(Beginning of Records)

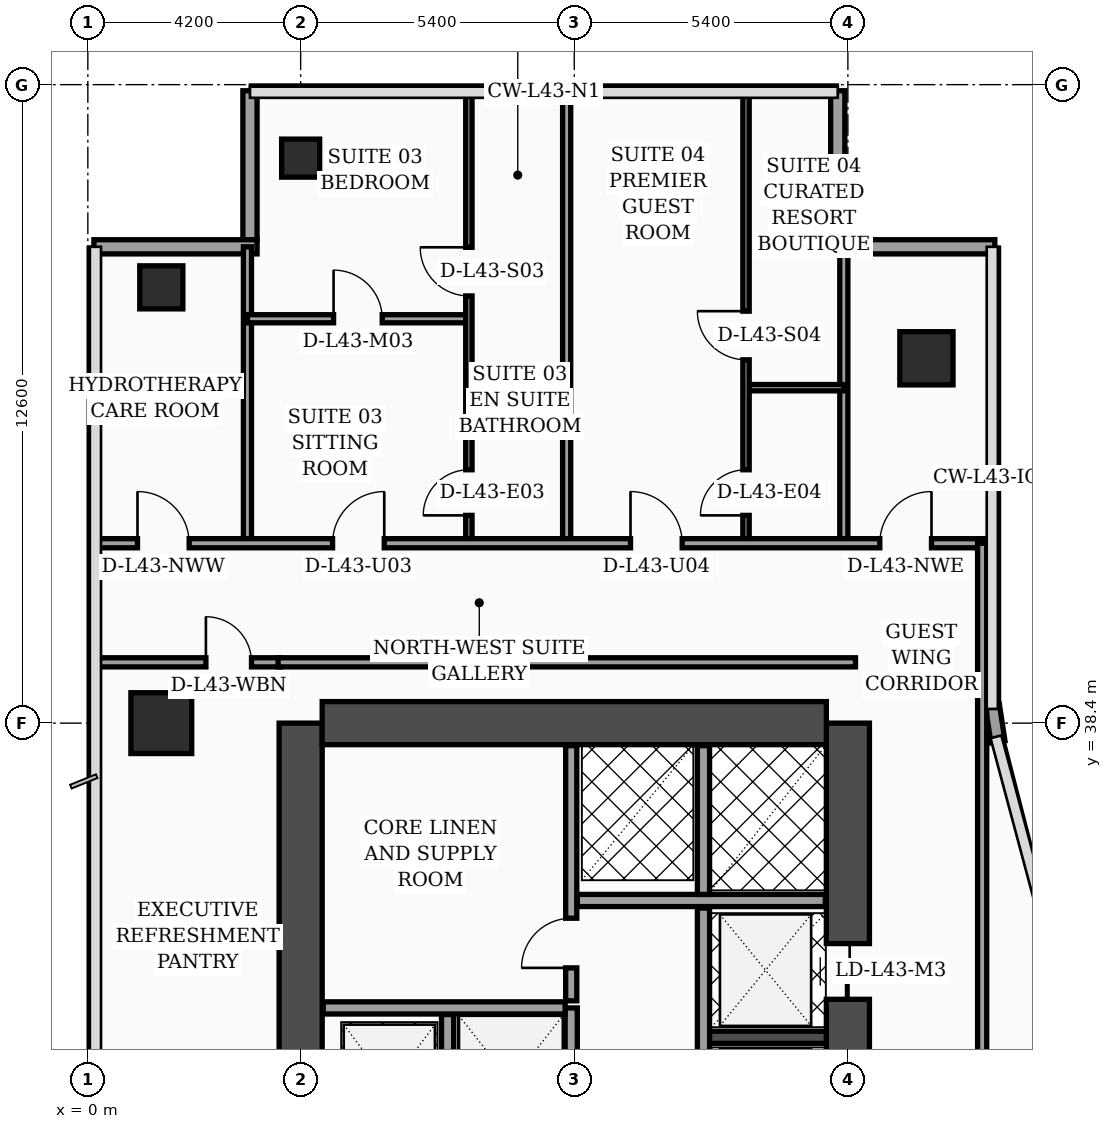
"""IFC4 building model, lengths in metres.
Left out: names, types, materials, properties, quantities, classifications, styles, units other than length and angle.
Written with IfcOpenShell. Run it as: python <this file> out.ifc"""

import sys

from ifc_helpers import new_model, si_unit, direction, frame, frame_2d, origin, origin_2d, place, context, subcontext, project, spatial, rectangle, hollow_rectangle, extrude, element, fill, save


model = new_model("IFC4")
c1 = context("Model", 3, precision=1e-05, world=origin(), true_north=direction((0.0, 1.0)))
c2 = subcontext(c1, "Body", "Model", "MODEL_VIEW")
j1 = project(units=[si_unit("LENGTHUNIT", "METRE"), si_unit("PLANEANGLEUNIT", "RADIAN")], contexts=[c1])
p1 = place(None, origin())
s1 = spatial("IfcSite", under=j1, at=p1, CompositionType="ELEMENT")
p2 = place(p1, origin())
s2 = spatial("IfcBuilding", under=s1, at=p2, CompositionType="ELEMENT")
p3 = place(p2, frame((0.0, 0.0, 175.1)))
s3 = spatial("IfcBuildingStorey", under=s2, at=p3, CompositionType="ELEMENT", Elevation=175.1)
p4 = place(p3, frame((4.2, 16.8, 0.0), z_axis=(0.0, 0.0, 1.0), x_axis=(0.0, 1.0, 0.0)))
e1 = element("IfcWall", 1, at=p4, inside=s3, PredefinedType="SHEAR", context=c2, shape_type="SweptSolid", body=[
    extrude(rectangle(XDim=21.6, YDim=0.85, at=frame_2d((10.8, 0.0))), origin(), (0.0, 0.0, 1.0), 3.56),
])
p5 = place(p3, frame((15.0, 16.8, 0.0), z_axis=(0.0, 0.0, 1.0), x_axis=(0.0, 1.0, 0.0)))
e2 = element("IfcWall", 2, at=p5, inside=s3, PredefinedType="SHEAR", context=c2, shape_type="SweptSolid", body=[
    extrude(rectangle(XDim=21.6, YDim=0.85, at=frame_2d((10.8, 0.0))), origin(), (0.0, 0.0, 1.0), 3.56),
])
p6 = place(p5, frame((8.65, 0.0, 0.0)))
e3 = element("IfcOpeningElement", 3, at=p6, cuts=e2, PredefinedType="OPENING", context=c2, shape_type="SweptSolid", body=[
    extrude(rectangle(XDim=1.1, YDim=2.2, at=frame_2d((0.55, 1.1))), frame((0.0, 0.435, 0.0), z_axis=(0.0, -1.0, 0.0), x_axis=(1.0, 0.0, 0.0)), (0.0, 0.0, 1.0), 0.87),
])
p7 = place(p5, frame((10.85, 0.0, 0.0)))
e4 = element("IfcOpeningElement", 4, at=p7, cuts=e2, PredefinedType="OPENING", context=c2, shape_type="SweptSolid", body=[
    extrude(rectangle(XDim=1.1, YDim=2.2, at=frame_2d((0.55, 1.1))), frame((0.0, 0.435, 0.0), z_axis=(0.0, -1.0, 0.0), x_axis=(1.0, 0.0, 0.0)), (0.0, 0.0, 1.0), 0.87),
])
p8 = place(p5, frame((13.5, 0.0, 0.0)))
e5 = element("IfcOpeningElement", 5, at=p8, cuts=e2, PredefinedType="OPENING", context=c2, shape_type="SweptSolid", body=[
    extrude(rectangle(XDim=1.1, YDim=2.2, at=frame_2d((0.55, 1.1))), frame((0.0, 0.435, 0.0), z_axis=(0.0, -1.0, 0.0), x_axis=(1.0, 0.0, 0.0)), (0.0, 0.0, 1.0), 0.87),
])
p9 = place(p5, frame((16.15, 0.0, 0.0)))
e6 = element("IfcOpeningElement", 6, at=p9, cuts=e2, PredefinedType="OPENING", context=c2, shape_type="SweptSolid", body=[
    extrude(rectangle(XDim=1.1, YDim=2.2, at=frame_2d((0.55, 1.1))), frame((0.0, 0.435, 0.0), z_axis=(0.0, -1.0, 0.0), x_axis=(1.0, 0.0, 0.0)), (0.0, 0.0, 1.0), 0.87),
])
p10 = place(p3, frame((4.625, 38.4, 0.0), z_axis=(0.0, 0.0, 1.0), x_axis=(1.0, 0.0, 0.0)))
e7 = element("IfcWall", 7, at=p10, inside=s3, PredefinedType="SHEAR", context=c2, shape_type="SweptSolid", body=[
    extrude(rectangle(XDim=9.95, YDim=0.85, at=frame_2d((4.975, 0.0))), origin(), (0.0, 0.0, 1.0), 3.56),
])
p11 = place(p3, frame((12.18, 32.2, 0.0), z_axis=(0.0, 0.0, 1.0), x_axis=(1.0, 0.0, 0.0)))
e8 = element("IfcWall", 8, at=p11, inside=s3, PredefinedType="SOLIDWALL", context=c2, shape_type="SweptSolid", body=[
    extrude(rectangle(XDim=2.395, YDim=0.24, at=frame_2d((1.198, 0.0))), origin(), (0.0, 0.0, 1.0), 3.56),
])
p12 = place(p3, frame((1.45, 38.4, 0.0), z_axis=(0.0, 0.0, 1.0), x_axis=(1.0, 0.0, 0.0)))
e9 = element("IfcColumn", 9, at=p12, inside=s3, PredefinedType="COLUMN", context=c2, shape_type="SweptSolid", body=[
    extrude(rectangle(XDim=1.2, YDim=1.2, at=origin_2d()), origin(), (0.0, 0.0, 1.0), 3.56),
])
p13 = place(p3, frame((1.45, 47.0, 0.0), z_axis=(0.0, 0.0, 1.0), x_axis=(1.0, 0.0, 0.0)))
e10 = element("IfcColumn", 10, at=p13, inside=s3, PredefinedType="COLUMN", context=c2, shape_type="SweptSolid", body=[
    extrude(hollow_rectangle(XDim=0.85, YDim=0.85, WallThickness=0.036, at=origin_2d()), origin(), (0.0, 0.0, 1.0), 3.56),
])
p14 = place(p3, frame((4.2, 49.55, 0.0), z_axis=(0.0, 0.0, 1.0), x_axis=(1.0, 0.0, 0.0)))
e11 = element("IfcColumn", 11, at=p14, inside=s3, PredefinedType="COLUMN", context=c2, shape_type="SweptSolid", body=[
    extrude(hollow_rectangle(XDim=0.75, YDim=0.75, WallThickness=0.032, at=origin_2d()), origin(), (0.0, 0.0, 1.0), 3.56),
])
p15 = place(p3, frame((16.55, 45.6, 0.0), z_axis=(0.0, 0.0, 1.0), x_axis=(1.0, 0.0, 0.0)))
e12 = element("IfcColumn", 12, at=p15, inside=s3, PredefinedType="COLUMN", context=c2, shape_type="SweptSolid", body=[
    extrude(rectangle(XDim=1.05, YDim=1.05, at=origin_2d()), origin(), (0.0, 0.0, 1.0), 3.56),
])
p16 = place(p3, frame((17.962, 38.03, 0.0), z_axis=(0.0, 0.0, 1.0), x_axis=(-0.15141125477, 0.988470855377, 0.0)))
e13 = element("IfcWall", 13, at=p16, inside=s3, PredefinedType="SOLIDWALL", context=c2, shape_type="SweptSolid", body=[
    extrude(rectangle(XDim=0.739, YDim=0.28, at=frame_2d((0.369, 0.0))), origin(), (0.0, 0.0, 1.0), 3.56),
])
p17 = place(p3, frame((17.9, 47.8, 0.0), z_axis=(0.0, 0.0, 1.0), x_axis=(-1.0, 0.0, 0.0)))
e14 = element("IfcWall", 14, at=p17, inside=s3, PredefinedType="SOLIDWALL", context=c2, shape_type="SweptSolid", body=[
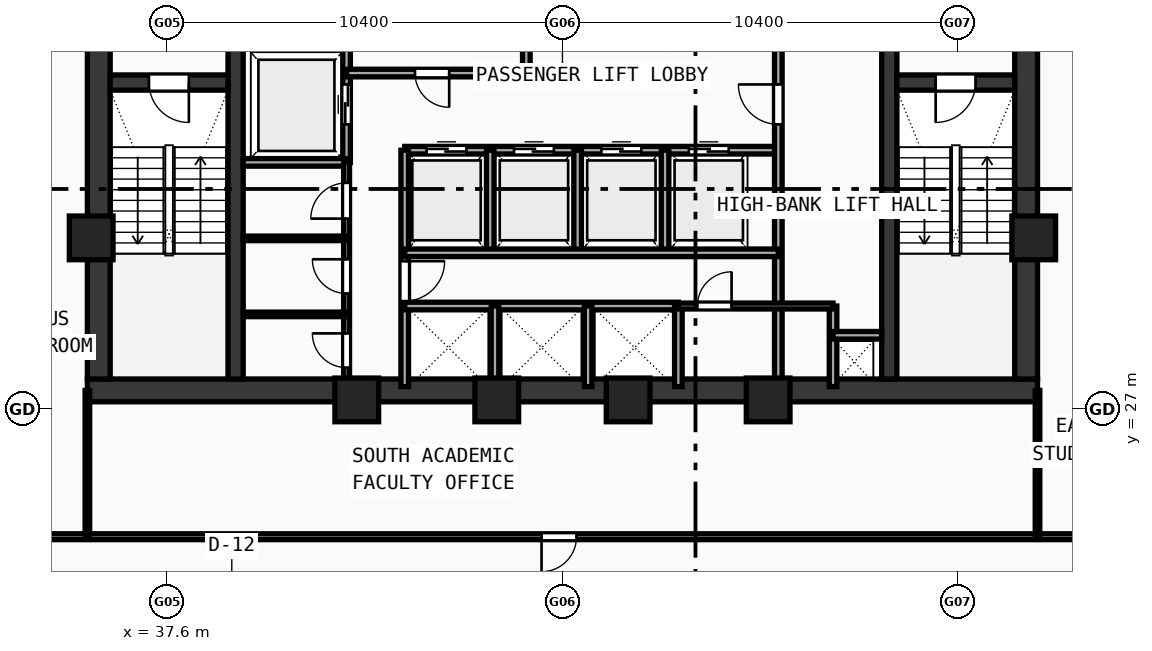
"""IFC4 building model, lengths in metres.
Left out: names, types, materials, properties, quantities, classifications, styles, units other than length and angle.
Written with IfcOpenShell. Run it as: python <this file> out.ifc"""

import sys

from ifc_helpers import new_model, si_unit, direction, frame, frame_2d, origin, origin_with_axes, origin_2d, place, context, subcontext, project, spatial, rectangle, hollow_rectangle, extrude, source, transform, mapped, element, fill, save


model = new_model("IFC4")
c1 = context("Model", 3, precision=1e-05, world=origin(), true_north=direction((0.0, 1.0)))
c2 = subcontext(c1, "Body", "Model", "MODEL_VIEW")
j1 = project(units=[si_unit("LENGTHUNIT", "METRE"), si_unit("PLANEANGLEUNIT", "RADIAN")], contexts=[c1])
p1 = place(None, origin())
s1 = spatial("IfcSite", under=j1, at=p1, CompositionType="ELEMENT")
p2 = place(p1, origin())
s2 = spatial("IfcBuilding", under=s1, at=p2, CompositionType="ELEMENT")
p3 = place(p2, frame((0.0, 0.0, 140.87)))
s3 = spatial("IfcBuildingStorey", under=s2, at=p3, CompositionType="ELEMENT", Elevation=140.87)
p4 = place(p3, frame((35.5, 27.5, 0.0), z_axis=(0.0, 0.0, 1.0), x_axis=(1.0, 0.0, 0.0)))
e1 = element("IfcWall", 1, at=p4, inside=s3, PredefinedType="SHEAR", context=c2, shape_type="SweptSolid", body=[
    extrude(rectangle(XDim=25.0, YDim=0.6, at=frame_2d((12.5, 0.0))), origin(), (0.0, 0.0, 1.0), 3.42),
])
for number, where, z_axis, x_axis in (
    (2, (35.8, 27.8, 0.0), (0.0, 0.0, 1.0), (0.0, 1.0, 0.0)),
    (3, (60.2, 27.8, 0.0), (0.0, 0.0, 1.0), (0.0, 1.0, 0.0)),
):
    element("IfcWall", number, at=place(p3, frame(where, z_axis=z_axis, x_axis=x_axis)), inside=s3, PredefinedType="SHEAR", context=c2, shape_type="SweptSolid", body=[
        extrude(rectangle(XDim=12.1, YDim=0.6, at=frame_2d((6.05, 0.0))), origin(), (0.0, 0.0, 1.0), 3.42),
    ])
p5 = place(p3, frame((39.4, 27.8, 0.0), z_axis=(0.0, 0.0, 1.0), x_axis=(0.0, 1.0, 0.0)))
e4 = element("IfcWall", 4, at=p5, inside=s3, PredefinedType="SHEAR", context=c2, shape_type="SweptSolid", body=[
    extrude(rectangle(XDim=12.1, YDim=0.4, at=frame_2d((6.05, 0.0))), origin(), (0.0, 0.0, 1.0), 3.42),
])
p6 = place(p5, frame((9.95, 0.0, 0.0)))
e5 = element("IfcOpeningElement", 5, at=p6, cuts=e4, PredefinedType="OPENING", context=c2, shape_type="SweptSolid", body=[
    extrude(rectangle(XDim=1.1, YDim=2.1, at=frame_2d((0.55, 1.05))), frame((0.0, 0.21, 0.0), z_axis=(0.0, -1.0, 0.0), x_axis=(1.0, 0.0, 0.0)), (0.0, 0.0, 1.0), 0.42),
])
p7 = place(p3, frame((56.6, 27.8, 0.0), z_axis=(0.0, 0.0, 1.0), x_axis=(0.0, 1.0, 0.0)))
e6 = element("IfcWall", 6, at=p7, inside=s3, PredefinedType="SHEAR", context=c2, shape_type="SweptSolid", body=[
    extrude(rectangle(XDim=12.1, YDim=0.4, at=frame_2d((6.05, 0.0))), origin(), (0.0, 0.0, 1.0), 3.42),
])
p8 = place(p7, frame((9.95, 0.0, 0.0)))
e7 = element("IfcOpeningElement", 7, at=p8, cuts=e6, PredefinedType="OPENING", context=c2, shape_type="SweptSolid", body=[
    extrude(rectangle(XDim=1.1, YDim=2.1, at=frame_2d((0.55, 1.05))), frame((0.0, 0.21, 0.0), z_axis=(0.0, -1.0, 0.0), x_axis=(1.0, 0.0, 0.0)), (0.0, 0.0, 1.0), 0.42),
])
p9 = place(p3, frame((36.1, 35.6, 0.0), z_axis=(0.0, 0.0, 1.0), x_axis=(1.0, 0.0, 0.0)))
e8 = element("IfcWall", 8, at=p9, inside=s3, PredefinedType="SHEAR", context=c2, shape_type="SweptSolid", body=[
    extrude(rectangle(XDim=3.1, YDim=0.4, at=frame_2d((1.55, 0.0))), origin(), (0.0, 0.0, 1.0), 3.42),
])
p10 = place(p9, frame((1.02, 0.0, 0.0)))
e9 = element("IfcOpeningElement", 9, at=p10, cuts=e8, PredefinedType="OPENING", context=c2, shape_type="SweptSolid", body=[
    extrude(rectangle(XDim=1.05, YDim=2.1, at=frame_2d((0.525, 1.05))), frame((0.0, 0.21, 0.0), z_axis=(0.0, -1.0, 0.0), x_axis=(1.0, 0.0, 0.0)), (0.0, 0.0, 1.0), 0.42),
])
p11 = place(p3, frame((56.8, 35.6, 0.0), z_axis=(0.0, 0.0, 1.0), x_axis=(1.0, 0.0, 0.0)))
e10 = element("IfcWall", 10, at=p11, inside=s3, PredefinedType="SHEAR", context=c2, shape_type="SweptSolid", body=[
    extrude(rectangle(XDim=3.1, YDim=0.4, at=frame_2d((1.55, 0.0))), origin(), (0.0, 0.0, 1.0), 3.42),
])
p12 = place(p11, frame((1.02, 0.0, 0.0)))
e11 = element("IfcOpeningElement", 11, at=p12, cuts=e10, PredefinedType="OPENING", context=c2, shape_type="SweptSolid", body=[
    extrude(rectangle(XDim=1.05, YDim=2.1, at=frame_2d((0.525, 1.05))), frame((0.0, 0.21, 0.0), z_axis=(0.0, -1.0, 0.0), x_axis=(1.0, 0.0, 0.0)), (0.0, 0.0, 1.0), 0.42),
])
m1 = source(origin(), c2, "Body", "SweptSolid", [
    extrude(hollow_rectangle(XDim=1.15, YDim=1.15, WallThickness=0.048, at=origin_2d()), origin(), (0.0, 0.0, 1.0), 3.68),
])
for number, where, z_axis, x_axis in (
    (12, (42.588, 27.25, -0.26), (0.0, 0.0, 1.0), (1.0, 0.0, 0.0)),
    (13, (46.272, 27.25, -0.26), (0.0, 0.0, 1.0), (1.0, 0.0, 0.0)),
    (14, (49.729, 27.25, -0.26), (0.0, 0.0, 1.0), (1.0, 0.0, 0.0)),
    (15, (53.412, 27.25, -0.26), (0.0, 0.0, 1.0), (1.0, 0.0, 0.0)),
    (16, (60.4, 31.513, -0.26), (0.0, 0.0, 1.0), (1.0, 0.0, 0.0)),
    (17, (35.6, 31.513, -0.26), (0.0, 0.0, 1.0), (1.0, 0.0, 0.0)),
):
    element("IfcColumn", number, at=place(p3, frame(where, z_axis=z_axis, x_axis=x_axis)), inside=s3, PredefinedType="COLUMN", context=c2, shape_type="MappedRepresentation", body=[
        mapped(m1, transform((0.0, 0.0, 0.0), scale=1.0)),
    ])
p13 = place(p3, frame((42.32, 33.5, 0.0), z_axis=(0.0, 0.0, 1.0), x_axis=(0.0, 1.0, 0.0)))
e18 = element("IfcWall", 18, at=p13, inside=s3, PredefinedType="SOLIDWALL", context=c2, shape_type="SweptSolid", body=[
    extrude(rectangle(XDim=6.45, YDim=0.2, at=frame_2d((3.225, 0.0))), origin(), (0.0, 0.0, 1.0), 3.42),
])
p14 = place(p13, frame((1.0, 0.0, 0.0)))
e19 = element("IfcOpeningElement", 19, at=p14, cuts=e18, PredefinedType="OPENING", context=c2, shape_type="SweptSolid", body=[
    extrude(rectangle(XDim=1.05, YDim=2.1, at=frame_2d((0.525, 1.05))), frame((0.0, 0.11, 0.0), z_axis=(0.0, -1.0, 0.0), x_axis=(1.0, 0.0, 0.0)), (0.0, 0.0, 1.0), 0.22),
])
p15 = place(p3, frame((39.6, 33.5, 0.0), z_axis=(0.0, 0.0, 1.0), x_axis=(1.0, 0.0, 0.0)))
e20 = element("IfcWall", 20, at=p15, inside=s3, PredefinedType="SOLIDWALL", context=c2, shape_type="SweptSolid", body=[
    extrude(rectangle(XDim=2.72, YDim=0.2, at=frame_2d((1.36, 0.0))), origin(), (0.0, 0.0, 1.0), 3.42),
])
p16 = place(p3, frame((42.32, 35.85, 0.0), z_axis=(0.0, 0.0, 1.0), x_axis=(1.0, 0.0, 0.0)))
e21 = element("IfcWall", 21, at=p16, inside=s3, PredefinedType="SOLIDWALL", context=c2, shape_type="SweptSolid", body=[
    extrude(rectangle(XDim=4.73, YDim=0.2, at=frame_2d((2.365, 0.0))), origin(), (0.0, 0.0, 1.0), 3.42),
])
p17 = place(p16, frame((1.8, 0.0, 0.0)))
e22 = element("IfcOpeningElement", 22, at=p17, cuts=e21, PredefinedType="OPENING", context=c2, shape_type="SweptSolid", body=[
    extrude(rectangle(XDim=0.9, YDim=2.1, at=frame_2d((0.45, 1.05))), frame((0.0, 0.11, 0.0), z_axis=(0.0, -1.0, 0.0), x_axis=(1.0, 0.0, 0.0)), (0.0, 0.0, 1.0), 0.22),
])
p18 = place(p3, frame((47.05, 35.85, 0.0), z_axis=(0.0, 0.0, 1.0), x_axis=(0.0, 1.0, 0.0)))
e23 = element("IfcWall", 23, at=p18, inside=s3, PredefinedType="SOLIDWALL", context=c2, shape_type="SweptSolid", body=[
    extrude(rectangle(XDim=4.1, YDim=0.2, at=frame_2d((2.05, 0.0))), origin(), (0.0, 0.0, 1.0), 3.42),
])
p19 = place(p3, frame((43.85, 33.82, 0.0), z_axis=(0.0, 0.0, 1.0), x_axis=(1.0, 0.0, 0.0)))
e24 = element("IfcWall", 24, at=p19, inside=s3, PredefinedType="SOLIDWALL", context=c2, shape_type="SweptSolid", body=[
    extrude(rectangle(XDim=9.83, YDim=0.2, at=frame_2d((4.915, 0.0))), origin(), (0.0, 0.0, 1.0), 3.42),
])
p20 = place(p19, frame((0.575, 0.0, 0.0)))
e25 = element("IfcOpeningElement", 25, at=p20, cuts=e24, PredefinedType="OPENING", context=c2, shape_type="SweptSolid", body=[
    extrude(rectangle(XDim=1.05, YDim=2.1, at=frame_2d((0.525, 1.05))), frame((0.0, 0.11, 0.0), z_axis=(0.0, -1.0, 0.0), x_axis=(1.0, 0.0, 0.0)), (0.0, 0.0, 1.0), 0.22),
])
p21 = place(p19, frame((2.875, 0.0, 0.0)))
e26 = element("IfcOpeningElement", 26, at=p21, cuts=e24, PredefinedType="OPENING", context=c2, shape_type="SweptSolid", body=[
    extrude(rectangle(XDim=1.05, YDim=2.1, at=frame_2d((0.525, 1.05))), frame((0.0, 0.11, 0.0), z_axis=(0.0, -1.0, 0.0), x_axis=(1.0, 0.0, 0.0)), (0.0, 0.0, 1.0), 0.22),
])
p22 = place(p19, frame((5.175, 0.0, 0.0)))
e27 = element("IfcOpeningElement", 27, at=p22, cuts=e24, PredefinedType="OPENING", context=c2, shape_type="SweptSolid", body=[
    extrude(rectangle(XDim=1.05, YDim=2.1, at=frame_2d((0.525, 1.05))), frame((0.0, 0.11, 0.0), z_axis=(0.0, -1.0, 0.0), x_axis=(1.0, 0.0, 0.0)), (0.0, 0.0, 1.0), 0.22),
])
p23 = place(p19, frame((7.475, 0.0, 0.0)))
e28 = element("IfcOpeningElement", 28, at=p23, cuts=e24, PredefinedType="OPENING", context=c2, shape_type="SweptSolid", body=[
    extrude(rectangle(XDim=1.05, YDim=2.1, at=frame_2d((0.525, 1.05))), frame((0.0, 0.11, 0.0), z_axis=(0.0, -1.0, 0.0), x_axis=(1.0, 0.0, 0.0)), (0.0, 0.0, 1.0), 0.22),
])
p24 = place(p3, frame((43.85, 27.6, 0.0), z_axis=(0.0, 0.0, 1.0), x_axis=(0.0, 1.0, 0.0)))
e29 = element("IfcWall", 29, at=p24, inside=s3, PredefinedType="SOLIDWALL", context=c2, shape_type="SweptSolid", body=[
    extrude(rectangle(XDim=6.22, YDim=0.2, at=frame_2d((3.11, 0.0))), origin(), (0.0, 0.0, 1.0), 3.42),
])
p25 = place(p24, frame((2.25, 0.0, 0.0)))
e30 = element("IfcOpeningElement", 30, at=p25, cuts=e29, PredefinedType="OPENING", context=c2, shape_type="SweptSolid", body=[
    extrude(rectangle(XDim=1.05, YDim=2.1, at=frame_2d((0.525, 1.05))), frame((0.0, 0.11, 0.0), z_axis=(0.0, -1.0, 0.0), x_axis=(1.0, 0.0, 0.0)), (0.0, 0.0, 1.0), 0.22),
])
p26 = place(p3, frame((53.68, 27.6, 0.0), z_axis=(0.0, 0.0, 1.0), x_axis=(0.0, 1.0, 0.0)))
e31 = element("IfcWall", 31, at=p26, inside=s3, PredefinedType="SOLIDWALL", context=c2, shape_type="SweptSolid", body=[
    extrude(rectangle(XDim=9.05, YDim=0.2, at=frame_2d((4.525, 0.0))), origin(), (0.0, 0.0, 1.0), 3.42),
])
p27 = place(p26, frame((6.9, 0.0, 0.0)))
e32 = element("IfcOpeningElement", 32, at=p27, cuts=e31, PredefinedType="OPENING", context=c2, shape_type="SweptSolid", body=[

(End of Records)

Problem statement: Looking at the records above, return exactly the lines from the line with "33.5, 0.0), z_axis=(0.0, 0.0, 1.0), x_axis=(0.0, 1.0, 0.0)))" to the line with "33.5, 0.0), z_axis=(0.0, 0.0, 1.0), x_axis=(1.0, 0.0, 0.0)))", both ends included.

Written response:
p13 = place(p3, frame((42.32, 33.5, 0.0), z_axis=(0.0, 0.0, 1.0), x_axis=(0.0, 1.0, 0.0)))
e18 = element("IfcWall", 18, at=p13, inside=s3, PredefinedType="SOLIDWALL", context=c2, shape_type="SweptSolid", body=[
    extrude(rectangle(XDim=6.45, YDim=0.2, at=frame_2d((3.225, 0.0))), origin(), (0.0, 0.0, 1.0), 3.42),
])
p14 = place(p13, frame((1.0, 0.0, 0.0)))
e19 = element("IfcOpeningElement", 19, at=p14, cuts=e18, PredefinedType="OPENING", context=c2, shape_type="SweptSolid", body=[
    extrude(rectangle(XDim=1.05, YDim=2.1, at=frame_2d((0.525, 1.05))), frame((0.0, 0.11, 0.0), z_axis=(0.0, -1.0, 0.0), x_axis=(1.0, 0.0, 0.0)), (0.0, 0.0, 1.0), 0.22),
])
p15 = place(p3, frame((39.6, 33.5, 0.0), z_axis=(0.0, 0.0, 1.0), x_axis=(1.0, 0.0, 0.0)))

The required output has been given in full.